Instructions for the task => For the records that follow, give the number of lines in which the word "IfcDoor" occurs, with nothing added.

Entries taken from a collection
BEGIN
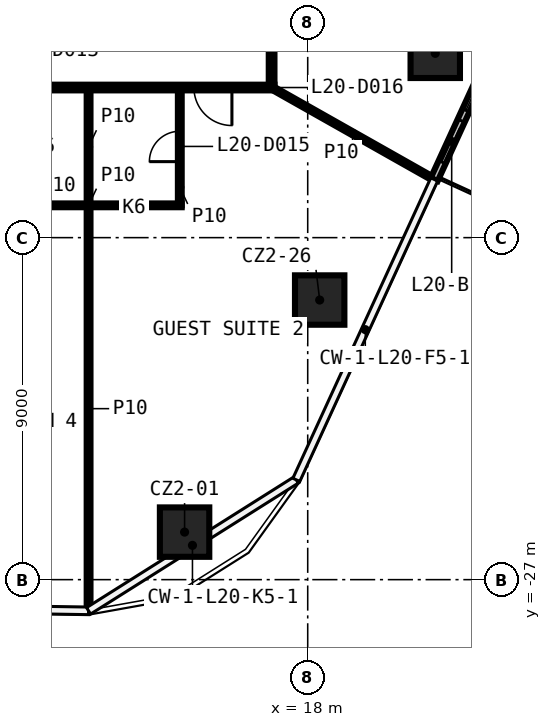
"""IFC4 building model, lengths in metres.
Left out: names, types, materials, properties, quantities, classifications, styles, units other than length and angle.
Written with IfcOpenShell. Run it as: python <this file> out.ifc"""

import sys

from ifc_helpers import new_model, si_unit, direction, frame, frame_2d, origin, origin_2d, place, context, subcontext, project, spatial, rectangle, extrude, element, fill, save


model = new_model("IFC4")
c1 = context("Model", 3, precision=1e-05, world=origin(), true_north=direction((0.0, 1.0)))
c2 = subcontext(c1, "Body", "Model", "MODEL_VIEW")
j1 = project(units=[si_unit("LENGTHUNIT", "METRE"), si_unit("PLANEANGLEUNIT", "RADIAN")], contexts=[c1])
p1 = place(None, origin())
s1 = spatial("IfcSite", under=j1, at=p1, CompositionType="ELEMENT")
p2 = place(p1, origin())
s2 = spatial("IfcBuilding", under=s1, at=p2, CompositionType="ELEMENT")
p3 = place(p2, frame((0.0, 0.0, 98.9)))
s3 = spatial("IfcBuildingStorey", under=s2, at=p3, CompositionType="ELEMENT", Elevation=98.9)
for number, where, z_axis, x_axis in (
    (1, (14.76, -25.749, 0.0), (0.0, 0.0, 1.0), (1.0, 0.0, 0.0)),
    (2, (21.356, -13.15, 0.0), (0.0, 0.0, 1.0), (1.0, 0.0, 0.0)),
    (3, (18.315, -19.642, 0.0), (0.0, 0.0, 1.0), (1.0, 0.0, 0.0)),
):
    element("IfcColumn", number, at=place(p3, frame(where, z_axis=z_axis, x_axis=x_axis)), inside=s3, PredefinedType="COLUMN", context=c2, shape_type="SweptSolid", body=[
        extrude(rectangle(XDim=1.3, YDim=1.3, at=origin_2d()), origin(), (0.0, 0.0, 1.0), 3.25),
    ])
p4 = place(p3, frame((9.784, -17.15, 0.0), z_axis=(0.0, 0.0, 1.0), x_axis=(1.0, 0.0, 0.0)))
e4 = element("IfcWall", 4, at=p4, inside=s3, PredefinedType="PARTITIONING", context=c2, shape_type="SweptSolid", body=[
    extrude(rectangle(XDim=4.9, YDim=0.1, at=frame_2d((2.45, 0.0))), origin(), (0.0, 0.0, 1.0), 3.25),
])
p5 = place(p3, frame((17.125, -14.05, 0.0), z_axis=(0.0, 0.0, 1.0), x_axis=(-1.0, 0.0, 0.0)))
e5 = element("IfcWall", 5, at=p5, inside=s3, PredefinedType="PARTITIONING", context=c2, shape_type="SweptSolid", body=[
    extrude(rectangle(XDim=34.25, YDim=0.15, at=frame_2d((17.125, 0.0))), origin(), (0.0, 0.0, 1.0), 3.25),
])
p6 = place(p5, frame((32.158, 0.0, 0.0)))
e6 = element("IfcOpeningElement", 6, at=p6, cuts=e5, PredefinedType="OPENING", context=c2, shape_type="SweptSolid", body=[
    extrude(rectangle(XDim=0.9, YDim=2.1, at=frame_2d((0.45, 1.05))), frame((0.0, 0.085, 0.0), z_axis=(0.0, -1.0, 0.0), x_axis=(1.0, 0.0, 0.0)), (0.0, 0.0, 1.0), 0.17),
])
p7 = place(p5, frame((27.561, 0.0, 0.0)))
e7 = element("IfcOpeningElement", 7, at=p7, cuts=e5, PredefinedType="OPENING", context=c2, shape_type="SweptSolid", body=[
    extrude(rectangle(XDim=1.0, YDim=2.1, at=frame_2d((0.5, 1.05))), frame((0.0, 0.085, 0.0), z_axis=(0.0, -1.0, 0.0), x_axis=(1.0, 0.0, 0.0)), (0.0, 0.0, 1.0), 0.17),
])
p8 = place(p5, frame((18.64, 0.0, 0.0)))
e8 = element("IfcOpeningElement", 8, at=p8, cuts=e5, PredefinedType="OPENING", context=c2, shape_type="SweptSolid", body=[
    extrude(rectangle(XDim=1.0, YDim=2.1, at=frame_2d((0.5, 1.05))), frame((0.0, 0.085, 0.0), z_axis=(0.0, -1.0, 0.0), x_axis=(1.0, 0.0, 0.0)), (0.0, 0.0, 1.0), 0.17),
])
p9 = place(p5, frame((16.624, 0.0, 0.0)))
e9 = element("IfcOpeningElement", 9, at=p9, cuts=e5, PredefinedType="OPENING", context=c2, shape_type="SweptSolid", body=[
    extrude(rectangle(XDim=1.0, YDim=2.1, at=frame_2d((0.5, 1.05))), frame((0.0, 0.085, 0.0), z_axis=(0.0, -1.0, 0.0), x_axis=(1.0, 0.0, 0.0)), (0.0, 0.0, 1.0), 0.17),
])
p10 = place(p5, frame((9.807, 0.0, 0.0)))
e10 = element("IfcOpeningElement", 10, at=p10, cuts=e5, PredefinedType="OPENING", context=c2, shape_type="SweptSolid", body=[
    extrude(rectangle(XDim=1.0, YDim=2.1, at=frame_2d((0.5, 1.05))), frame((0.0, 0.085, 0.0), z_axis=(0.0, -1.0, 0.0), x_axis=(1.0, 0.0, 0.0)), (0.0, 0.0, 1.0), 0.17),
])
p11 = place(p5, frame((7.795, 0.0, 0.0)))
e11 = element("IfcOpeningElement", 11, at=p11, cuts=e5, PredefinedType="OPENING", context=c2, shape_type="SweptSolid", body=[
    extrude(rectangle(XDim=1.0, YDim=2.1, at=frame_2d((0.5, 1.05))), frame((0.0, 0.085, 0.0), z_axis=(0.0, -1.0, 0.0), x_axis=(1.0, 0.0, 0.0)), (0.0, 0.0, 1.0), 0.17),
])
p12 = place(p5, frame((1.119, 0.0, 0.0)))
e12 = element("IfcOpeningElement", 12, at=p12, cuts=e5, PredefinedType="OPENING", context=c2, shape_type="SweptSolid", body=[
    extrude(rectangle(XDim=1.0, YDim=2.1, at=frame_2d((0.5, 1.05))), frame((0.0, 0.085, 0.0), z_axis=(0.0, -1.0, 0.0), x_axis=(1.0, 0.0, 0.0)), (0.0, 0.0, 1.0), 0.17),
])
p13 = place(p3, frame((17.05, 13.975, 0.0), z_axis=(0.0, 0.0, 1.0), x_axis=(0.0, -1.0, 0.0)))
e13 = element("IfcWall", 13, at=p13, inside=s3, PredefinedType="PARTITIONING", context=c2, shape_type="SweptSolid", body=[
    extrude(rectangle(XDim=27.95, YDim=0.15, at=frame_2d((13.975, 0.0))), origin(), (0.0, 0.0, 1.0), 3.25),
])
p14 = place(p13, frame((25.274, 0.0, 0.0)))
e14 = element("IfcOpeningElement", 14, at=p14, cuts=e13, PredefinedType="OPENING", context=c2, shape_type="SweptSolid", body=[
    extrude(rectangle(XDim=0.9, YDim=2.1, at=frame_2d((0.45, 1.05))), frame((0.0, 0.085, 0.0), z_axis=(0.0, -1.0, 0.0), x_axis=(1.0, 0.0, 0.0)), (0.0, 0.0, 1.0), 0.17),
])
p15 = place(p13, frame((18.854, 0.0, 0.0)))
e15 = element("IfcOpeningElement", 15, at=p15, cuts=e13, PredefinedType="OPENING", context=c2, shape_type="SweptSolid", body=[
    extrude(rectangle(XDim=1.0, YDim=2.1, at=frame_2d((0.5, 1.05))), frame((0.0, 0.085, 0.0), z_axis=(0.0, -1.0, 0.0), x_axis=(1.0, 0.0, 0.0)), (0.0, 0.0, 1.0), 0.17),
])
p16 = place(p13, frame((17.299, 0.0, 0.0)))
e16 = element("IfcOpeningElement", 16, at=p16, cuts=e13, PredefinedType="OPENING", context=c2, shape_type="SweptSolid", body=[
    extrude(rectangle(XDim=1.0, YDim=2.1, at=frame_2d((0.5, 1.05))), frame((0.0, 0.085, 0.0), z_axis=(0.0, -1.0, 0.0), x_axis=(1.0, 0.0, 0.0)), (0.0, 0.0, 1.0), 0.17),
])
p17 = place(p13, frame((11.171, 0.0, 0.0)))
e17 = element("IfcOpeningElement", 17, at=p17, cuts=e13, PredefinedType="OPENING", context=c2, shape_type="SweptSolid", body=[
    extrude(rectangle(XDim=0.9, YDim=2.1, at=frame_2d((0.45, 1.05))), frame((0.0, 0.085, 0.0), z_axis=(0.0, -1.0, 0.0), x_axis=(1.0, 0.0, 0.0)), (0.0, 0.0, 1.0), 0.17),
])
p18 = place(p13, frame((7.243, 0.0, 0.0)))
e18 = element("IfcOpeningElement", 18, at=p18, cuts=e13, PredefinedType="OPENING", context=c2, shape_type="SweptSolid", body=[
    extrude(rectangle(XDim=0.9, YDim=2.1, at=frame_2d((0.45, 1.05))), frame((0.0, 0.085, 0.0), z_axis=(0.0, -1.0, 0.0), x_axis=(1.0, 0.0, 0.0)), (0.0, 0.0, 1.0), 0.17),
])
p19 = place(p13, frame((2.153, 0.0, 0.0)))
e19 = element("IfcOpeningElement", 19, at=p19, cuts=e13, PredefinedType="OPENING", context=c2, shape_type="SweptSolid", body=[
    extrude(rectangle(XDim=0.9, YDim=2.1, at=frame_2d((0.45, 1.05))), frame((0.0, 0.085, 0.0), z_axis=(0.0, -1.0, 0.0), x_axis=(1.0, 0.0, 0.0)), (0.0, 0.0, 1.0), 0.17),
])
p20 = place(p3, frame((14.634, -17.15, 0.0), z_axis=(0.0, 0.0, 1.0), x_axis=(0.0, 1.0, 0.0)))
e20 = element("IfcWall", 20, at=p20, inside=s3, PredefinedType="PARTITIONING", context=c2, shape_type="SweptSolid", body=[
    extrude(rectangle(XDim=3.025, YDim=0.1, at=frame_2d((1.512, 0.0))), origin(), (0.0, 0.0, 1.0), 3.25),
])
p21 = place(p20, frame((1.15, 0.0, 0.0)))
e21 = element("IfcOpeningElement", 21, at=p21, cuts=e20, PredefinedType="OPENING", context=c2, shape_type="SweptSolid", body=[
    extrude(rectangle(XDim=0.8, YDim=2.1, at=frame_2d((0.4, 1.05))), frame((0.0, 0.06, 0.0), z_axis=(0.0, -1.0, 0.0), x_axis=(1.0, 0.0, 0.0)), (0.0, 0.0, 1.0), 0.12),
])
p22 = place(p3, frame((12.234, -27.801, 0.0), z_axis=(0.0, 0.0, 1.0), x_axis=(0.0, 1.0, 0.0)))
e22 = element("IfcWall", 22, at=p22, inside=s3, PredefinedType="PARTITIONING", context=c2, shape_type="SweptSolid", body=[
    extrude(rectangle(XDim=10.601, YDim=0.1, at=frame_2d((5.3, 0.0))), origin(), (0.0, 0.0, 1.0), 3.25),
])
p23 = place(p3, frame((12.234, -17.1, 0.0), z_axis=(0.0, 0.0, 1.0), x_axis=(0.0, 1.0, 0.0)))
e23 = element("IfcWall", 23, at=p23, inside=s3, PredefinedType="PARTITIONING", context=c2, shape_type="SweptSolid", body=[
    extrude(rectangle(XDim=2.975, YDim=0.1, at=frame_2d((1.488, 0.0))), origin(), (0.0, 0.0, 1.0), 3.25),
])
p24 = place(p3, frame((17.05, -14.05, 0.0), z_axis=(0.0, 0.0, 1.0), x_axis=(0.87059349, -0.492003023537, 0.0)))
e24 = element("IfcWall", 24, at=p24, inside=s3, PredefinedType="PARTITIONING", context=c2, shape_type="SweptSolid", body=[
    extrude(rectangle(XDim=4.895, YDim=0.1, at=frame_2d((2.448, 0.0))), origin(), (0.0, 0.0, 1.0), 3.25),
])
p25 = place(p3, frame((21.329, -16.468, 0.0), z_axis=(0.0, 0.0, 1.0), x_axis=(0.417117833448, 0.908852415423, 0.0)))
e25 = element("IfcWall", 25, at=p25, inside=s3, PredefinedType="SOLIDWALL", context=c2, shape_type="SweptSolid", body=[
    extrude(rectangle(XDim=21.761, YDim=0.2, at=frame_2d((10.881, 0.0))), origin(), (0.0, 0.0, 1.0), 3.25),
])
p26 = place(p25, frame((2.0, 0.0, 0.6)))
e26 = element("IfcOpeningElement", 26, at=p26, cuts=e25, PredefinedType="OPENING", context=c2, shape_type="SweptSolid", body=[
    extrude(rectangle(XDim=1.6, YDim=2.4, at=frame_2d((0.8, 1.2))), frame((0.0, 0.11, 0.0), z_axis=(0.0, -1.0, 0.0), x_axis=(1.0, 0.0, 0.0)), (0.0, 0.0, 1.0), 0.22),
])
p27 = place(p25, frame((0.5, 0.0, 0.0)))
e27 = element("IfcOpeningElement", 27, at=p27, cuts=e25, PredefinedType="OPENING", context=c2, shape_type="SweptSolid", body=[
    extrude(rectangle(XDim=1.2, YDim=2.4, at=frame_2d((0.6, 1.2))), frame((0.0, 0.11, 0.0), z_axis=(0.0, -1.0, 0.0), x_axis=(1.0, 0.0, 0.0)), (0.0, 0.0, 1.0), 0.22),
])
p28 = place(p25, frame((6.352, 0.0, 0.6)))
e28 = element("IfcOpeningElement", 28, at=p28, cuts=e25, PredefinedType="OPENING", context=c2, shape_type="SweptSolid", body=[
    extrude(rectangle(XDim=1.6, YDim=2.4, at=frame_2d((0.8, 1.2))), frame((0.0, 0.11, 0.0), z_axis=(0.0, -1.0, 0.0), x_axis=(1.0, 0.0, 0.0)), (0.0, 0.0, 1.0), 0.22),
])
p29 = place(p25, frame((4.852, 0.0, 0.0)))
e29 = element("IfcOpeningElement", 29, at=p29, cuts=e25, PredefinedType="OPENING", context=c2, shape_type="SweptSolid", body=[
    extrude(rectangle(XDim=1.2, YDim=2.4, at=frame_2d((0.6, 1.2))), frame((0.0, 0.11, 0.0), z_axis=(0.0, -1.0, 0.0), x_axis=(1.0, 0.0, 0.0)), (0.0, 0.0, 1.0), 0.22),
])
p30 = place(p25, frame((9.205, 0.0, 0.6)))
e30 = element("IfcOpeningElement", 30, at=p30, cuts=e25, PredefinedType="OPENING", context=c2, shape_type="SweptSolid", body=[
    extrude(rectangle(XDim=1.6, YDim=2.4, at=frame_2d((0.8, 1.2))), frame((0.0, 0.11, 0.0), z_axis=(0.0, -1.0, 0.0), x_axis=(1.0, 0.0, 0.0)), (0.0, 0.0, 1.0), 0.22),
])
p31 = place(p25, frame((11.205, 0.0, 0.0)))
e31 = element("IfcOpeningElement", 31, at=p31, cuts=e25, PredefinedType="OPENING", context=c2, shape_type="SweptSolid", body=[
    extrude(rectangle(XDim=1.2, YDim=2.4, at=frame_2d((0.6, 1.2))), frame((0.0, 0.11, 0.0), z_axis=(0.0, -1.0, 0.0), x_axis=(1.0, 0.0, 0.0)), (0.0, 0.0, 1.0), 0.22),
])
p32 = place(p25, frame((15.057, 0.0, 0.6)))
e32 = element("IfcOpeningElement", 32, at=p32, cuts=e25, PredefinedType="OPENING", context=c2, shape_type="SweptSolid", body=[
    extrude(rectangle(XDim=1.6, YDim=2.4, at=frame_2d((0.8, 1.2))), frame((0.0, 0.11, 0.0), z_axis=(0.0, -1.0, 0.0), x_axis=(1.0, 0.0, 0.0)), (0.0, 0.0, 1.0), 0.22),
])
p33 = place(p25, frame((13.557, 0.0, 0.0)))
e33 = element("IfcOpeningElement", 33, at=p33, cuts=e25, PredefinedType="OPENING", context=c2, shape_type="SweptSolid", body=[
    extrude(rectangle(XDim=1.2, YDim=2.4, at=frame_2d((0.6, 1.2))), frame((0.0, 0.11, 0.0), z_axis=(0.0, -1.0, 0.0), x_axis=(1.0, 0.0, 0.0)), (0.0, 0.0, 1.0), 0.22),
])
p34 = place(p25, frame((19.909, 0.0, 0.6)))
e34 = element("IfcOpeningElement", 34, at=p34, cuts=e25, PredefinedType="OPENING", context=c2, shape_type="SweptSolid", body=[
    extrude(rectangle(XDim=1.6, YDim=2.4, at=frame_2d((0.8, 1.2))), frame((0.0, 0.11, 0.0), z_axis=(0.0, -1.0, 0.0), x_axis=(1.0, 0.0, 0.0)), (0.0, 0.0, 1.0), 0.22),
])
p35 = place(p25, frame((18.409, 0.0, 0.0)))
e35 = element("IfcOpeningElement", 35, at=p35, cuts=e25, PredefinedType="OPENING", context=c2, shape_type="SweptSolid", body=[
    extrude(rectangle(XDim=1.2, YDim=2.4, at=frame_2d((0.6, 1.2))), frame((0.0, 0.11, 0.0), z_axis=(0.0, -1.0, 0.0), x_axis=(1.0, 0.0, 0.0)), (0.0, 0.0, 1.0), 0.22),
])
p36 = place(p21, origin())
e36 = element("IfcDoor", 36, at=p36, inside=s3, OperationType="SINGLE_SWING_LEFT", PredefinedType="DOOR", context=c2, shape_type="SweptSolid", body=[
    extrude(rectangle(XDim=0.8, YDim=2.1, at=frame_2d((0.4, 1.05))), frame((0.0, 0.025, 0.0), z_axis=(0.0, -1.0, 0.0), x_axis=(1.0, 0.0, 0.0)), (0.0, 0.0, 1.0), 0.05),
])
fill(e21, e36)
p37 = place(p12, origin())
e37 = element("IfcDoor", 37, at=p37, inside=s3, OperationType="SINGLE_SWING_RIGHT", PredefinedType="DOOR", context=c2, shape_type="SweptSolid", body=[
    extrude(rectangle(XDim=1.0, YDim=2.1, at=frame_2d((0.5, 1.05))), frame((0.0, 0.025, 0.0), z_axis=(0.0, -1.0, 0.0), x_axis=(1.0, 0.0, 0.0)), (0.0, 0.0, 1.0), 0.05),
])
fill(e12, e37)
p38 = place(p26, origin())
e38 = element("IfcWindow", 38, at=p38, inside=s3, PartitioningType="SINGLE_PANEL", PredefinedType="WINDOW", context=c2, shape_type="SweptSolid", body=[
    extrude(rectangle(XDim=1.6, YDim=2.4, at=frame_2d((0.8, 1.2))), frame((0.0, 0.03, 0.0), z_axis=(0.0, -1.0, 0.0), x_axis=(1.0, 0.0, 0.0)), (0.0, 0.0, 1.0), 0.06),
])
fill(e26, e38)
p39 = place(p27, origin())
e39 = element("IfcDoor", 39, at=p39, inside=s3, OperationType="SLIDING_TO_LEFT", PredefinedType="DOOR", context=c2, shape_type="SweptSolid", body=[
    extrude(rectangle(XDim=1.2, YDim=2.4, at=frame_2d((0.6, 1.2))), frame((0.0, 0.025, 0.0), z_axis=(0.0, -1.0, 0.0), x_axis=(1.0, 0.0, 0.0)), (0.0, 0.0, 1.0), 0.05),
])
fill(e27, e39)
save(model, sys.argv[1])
END
Answer for the task => 3